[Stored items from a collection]
::::
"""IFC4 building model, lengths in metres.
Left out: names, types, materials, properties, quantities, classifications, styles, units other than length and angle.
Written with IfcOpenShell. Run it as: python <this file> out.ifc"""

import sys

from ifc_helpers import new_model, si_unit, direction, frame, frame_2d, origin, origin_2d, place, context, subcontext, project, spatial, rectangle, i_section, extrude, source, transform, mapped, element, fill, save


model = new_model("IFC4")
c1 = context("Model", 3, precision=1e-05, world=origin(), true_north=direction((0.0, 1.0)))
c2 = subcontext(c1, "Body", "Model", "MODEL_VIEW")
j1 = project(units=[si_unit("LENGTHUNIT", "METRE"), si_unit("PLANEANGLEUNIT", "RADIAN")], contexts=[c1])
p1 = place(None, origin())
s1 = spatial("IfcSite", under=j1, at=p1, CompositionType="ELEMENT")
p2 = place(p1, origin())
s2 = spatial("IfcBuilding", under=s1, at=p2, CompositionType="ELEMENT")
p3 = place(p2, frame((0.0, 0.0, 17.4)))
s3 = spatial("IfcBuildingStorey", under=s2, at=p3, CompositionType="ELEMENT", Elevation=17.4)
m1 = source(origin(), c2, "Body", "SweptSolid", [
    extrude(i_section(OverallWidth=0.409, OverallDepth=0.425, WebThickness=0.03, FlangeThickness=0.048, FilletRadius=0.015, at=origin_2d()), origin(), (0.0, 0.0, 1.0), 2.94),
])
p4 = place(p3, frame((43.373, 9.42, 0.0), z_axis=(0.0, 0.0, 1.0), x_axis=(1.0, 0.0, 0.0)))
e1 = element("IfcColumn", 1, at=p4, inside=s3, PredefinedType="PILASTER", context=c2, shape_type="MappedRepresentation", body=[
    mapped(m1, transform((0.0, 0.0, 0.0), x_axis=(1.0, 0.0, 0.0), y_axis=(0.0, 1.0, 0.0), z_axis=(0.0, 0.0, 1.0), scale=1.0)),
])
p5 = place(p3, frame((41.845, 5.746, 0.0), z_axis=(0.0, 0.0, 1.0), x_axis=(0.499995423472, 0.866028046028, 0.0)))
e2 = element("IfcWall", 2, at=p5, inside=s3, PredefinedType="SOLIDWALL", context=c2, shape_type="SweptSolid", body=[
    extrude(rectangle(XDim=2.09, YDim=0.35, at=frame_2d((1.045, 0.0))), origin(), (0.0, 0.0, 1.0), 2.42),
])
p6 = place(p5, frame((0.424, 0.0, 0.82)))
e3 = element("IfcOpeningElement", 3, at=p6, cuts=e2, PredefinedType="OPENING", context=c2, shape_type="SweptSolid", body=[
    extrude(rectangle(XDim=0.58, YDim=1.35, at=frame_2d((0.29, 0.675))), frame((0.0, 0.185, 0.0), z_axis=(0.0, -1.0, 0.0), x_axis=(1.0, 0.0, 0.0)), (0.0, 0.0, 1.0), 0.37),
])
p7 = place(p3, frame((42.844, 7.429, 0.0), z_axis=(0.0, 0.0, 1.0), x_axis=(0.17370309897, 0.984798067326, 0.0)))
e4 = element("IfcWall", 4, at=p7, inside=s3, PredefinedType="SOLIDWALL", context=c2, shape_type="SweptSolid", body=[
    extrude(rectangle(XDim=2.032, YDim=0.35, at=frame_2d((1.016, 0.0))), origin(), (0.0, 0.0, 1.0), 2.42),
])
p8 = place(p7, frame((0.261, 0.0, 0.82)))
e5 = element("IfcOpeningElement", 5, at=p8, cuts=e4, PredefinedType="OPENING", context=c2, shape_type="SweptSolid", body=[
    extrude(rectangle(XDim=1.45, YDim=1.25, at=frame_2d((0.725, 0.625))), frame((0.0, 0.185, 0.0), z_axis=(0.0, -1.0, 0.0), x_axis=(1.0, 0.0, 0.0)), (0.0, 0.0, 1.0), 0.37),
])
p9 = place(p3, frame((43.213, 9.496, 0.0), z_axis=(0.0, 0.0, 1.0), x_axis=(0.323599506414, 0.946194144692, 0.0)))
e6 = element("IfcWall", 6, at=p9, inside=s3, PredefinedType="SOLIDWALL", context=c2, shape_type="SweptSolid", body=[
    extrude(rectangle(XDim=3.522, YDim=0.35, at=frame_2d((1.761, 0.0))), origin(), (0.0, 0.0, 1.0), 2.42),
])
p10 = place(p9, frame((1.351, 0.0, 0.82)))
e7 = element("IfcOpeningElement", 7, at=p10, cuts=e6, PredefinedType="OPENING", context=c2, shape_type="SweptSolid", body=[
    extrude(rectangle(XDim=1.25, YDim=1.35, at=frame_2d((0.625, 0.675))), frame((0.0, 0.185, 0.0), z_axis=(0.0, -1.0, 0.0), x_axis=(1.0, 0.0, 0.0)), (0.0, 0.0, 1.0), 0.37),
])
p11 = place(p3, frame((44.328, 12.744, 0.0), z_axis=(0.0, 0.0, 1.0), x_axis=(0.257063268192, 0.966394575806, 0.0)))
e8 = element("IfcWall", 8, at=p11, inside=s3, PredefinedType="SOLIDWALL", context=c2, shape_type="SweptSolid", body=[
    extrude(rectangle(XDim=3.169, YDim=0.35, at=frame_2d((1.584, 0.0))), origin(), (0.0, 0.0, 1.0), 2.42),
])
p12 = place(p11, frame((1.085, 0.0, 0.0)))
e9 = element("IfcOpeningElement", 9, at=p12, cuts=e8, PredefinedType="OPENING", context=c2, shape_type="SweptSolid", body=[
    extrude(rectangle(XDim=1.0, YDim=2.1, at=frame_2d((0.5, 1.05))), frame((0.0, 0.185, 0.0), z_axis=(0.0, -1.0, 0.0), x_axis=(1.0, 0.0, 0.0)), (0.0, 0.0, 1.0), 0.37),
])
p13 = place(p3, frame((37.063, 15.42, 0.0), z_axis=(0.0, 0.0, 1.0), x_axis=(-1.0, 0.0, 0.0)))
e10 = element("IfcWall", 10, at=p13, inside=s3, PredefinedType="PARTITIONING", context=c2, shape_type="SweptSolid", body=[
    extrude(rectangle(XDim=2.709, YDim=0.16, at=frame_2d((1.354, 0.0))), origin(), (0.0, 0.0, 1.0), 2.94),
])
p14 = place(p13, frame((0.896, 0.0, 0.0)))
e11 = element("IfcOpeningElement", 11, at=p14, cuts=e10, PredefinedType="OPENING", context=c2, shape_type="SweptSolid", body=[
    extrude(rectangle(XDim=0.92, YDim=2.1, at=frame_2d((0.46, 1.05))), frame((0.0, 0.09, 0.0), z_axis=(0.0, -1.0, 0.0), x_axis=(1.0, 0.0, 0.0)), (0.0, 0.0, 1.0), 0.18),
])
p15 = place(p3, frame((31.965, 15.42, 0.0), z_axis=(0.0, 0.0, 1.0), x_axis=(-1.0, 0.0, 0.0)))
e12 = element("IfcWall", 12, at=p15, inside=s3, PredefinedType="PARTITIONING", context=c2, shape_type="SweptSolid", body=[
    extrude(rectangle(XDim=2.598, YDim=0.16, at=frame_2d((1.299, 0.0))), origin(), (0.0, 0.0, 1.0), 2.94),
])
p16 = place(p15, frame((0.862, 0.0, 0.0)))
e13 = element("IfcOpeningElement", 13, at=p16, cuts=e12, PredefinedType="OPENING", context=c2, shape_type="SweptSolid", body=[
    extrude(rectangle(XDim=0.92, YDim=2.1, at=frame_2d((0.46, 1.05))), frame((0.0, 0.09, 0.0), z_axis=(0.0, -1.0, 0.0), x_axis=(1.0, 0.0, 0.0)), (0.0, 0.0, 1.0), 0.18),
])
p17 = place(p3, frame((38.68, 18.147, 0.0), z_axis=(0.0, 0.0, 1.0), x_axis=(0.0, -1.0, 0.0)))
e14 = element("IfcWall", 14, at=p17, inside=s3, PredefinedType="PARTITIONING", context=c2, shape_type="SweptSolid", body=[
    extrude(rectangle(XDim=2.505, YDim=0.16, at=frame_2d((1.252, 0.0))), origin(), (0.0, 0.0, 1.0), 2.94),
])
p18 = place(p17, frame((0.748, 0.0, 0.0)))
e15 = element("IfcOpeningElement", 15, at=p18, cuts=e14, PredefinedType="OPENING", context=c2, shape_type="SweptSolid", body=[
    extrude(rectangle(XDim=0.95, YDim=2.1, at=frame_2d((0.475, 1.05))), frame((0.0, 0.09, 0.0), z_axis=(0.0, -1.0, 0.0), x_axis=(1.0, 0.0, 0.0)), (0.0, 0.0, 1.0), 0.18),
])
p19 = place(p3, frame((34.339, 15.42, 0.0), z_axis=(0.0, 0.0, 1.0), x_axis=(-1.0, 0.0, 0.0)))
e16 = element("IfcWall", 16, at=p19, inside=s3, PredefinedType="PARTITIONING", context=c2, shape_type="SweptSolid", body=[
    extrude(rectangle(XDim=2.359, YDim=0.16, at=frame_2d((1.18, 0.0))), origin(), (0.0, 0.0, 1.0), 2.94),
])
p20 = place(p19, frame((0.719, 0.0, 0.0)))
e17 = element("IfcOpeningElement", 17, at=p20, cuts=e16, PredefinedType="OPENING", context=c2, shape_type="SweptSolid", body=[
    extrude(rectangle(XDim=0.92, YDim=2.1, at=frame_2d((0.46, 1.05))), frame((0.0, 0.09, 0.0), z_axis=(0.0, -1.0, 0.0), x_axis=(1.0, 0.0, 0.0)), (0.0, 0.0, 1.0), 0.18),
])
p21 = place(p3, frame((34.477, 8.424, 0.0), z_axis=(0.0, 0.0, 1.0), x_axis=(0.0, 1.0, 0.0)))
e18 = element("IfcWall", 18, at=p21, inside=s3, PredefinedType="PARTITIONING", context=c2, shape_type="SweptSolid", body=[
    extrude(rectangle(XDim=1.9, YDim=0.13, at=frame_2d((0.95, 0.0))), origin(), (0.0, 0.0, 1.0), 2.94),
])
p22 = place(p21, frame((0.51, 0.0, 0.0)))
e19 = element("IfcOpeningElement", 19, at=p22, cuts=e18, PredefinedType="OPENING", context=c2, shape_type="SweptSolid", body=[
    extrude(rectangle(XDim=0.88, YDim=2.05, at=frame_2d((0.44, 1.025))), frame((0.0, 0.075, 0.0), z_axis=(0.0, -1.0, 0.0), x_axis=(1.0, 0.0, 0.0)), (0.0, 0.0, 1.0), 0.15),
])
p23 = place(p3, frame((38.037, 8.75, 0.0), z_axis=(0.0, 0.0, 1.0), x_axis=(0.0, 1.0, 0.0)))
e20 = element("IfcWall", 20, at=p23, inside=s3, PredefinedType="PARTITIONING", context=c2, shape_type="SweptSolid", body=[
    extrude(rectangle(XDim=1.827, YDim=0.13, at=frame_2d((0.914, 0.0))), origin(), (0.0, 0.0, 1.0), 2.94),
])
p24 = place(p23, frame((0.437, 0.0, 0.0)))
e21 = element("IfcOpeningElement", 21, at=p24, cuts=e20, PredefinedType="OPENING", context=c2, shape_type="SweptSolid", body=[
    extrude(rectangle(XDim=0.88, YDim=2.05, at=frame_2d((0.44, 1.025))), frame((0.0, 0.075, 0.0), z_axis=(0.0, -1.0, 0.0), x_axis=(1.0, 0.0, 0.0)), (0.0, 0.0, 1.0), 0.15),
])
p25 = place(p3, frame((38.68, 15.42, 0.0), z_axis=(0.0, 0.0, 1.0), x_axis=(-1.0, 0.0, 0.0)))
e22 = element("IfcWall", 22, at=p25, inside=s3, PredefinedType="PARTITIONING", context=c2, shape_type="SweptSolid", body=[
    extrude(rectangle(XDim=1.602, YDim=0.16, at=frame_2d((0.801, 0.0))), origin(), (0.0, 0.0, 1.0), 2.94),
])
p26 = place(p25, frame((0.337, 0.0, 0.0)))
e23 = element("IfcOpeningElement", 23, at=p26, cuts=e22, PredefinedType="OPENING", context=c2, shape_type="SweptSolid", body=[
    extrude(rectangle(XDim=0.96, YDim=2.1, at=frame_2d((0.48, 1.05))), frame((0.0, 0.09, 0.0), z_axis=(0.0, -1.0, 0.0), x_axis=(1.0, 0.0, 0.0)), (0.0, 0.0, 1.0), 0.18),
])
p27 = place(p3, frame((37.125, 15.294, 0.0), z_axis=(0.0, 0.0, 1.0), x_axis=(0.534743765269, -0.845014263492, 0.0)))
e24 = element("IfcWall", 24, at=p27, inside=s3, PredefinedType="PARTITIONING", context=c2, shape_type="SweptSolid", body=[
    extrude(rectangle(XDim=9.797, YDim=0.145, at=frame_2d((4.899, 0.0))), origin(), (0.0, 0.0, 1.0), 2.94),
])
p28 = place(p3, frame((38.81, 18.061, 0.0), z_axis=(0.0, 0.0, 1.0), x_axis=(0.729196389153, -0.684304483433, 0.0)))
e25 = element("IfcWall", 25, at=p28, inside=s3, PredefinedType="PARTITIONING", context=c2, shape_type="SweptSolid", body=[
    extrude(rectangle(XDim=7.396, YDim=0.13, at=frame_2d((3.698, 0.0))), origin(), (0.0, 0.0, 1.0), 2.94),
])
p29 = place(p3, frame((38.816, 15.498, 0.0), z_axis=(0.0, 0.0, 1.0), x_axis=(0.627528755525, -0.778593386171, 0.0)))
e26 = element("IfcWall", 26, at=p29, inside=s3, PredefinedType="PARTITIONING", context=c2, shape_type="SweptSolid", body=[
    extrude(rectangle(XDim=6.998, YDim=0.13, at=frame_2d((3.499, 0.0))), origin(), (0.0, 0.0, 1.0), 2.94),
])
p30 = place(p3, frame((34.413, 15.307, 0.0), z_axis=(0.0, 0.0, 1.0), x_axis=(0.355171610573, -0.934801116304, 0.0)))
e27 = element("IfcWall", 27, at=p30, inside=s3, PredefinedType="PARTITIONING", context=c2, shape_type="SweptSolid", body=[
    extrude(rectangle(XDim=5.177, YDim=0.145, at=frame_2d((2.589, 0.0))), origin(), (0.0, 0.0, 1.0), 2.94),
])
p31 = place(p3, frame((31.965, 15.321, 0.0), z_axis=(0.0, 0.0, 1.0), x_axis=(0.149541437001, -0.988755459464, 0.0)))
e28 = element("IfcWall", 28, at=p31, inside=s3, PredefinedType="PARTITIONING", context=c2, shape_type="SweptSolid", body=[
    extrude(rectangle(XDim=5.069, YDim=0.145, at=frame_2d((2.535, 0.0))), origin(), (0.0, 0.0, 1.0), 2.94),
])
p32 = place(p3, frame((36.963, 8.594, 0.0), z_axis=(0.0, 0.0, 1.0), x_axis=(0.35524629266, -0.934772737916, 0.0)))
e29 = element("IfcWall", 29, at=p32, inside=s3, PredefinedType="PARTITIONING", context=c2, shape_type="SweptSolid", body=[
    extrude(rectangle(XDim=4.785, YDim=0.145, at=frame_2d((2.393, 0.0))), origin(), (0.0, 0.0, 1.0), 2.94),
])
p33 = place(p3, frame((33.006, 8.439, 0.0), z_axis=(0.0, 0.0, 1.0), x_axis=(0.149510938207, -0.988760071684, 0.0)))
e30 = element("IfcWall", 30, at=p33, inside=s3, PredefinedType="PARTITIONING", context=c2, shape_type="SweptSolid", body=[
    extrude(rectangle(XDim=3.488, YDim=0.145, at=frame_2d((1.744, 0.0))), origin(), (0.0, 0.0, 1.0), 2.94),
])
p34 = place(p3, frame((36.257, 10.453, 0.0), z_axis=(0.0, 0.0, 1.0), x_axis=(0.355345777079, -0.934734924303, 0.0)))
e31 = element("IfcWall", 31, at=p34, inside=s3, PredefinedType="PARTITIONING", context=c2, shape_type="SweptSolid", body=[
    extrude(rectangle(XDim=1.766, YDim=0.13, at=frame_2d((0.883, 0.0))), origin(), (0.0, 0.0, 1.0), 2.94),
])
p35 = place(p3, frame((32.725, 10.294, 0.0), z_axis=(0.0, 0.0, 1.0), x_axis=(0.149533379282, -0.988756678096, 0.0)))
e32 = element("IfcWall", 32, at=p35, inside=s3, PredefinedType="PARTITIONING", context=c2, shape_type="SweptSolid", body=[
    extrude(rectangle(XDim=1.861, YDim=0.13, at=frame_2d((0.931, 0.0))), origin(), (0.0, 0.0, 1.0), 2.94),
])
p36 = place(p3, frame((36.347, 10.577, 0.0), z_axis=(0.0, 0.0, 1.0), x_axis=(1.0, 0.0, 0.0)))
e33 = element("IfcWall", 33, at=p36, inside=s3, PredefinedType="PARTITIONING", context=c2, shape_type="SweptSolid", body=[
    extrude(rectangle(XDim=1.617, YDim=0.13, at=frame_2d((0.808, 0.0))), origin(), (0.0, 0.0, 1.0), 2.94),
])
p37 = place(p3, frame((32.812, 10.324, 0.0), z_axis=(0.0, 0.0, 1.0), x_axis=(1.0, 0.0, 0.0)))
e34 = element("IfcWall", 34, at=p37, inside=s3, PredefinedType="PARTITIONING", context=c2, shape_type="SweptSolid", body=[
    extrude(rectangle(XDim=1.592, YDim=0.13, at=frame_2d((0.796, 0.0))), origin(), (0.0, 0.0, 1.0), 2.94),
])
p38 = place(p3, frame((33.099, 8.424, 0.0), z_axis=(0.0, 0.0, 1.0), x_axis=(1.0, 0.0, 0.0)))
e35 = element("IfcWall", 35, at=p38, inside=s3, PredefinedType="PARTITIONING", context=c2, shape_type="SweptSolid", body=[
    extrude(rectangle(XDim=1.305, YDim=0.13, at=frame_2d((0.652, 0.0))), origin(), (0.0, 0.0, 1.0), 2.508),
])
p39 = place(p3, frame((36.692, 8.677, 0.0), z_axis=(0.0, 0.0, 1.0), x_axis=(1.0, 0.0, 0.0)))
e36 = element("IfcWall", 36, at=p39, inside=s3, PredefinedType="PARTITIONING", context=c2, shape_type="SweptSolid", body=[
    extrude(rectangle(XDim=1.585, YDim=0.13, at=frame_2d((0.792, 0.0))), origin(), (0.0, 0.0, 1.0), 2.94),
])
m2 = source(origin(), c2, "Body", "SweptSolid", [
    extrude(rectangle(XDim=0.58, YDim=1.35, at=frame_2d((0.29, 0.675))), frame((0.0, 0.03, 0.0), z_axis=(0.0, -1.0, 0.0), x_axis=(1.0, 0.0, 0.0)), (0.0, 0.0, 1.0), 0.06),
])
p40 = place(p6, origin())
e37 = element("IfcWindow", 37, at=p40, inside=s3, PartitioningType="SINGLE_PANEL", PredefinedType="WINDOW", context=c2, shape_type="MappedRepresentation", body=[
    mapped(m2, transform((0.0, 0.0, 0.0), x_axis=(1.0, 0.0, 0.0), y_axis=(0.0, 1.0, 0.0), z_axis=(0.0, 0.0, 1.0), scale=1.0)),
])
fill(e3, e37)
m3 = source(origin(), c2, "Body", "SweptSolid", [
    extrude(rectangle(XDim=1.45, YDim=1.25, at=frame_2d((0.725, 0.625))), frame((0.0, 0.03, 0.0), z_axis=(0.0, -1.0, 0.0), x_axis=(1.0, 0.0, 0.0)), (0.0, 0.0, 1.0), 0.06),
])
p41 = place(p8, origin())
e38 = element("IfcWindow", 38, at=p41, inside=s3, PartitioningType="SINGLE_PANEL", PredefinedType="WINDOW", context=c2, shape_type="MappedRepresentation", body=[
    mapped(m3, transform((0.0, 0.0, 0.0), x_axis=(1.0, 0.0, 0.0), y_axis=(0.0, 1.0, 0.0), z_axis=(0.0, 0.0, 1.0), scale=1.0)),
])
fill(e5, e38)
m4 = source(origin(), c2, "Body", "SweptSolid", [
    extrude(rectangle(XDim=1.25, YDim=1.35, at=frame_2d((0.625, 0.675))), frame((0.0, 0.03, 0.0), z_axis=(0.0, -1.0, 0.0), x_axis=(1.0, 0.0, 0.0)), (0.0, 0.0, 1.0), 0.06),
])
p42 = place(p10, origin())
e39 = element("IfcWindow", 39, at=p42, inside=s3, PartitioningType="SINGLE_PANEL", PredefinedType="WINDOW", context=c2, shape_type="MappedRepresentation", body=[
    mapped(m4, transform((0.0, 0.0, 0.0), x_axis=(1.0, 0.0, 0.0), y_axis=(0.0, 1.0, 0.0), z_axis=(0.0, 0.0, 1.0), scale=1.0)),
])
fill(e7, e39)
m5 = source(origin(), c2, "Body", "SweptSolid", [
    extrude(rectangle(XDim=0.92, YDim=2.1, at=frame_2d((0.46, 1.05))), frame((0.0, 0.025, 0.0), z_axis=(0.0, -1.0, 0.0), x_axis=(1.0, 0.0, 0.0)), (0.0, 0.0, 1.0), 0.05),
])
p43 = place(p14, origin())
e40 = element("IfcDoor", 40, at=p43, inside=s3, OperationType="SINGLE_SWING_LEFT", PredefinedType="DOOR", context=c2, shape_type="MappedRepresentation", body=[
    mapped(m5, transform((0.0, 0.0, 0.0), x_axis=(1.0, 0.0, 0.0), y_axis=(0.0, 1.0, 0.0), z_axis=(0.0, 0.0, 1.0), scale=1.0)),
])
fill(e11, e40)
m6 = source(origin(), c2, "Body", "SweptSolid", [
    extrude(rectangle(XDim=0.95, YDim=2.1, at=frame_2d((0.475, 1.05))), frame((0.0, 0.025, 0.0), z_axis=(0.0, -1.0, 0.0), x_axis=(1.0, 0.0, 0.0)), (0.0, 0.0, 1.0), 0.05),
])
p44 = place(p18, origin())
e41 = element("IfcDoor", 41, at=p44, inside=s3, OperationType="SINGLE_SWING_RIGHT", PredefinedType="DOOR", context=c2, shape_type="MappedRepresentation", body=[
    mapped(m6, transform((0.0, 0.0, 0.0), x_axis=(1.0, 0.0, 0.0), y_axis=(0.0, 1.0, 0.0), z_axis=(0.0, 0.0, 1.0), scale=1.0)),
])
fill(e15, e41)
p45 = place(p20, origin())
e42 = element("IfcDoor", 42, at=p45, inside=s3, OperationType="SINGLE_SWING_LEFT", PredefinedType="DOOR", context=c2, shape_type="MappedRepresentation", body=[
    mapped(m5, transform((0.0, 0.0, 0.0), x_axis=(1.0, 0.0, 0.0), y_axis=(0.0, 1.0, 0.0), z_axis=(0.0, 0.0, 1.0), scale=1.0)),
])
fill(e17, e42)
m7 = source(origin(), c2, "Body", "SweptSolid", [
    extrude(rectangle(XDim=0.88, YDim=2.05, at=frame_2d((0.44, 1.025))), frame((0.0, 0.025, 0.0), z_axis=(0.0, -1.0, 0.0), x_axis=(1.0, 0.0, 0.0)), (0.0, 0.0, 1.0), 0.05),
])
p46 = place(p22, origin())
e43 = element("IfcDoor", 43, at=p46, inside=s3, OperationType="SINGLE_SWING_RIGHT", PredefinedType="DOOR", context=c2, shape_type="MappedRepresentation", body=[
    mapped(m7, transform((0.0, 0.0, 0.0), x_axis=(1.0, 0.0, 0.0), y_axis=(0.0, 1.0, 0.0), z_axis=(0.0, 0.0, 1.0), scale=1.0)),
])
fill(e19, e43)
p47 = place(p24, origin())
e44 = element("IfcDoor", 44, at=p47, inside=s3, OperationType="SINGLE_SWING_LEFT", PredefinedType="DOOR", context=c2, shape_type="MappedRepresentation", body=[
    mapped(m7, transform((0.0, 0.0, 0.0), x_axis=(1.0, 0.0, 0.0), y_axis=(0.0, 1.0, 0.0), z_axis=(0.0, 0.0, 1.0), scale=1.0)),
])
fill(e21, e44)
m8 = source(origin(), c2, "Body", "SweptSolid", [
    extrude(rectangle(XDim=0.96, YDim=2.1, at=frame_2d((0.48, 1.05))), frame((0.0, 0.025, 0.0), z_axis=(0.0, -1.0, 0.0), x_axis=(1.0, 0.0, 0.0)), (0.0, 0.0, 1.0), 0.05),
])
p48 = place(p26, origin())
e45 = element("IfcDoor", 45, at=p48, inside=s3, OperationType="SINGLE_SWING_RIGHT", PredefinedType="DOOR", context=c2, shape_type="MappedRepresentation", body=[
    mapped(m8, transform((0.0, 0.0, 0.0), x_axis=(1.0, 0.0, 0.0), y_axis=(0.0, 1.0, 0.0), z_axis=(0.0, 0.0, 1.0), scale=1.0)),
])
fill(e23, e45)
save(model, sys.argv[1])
::::
What the task requires =
Your job is to return all lines above that hold the word "project".

Written solution =
from ifc_helpers import new_model, si_unit, direction, frame, frame_2d, origin, origin_2d, place, context, subcontext, project, spatial, rectangle, i_section, extrude, source, transform, mapped, element, fill, save
j1 = project(units=[si_unit("LENGTHUNIT", "METRE"), si_unit("PLANEANGLEUNIT", "RADIAN")], contexts=[c1])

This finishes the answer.